* **DATASET CONTENT**
·····
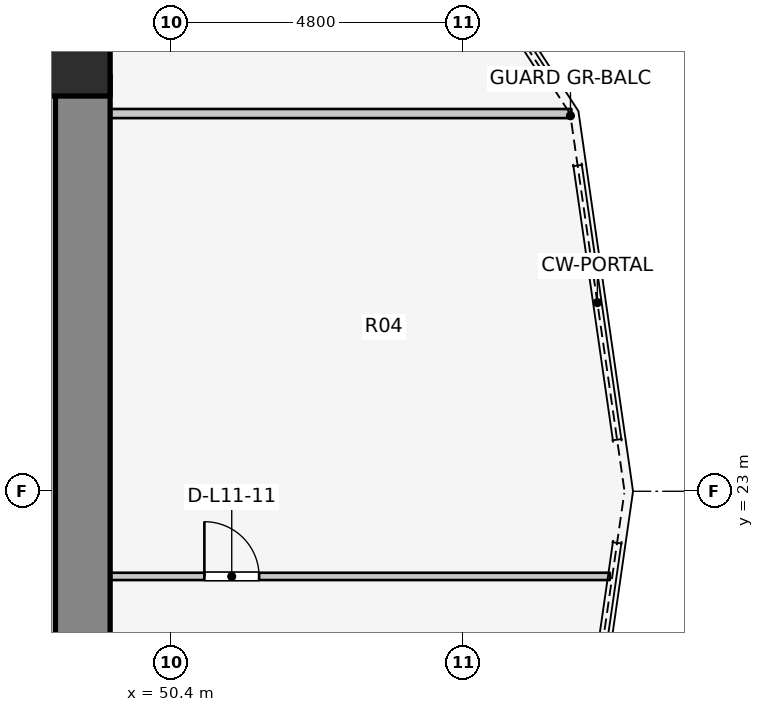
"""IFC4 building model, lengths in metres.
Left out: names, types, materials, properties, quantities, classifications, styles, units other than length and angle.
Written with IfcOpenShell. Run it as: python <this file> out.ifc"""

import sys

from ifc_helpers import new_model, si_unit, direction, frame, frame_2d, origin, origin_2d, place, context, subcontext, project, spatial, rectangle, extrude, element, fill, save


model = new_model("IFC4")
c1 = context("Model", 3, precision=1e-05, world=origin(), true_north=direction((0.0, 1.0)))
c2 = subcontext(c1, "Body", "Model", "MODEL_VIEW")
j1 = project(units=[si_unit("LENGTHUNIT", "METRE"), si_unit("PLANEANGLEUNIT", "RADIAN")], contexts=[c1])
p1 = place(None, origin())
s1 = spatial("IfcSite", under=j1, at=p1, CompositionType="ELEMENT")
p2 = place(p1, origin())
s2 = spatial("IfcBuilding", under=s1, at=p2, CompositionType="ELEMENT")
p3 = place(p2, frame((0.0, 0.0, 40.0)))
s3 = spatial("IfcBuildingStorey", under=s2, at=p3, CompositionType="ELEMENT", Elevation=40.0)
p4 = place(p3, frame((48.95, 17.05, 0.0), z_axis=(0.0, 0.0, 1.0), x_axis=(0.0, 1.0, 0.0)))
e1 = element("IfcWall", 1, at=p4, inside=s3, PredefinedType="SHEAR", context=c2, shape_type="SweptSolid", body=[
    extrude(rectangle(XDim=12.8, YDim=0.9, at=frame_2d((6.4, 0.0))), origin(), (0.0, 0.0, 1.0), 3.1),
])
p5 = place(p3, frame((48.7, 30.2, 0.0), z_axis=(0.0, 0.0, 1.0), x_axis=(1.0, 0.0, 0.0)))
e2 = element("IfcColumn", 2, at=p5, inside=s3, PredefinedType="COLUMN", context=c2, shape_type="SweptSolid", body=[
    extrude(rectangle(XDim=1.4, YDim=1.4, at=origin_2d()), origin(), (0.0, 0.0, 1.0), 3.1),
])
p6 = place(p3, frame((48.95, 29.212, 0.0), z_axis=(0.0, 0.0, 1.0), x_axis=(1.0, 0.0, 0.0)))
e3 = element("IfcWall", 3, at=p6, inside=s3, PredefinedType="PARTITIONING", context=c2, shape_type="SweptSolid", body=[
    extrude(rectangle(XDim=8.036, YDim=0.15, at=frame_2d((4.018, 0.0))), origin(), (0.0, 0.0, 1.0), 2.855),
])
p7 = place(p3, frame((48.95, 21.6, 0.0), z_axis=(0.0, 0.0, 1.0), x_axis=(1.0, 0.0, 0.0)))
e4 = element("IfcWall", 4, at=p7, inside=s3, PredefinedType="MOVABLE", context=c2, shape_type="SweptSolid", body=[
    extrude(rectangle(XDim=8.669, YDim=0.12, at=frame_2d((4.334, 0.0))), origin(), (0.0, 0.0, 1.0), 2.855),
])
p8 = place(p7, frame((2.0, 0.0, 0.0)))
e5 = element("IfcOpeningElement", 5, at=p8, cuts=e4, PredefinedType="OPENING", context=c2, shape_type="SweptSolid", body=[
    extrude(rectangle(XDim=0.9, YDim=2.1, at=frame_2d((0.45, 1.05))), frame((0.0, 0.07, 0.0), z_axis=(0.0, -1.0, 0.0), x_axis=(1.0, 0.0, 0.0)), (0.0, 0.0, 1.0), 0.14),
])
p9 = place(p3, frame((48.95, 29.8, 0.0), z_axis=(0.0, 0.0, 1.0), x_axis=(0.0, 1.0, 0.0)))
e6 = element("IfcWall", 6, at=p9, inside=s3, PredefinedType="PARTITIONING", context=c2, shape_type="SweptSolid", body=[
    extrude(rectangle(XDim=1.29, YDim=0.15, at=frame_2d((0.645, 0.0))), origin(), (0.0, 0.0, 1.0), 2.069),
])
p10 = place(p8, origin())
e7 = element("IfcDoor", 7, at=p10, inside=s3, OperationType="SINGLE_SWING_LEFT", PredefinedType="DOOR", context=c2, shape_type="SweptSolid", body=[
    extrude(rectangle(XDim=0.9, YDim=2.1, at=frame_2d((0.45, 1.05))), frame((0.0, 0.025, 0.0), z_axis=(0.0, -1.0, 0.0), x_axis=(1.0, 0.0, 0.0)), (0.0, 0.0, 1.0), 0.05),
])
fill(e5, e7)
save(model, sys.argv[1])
·····
Everything from the line with "Written with IfcOpenShell." through the line with "17.05, 0.0), z_axis=(0.0, 0.0, 1.0), x_axis=(0.0, 1.0, 0.0)))" in the listing above must be retyped exactly, with nothing added.

* **REPLY**
Written with IfcOpenShell. Run it as: python <this file> out.ifc"""

import sys

from ifc_helpers import new_model, si_unit, direction, frame, frame_2d, origin, origin_2d, place, context, subcontext, project, spatial, rectangle, extrude, element, fill, save


model = new_model("IFC4")
c1 = context("Model", 3, precision=1e-05, world=origin(), true_north=direction((0.0, 1.0)))
c2 = subcontext(c1, "Body", "Model", "MODEL_VIEW")
j1 = project(units=[si_unit("LENGTHUNIT", "METRE"), si_unit("PLANEANGLEUNIT", "RADIAN")], contexts=[c1])
p1 = place(None, origin())
s1 = spatial("IfcSite", under=j1, at=p1, CompositionType="ELEMENT")
p2 = place(p1, origin())
s2 = spatial("IfcBuilding", under=s1, at=p2, CompositionType="ELEMENT")
p3 = place(p2, frame((0.0, 0.0, 40.0)))
s3 = spatial("IfcBuildingStorey", under=s2, at=p3, CompositionType="ELEMENT", Elevation=40.0)
p4 = place(p3, frame((48.95, 17.05, 0.0), z_axis=(0.0, 0.0, 1.0), x_axis=(0.0, 1.0, 0.0)))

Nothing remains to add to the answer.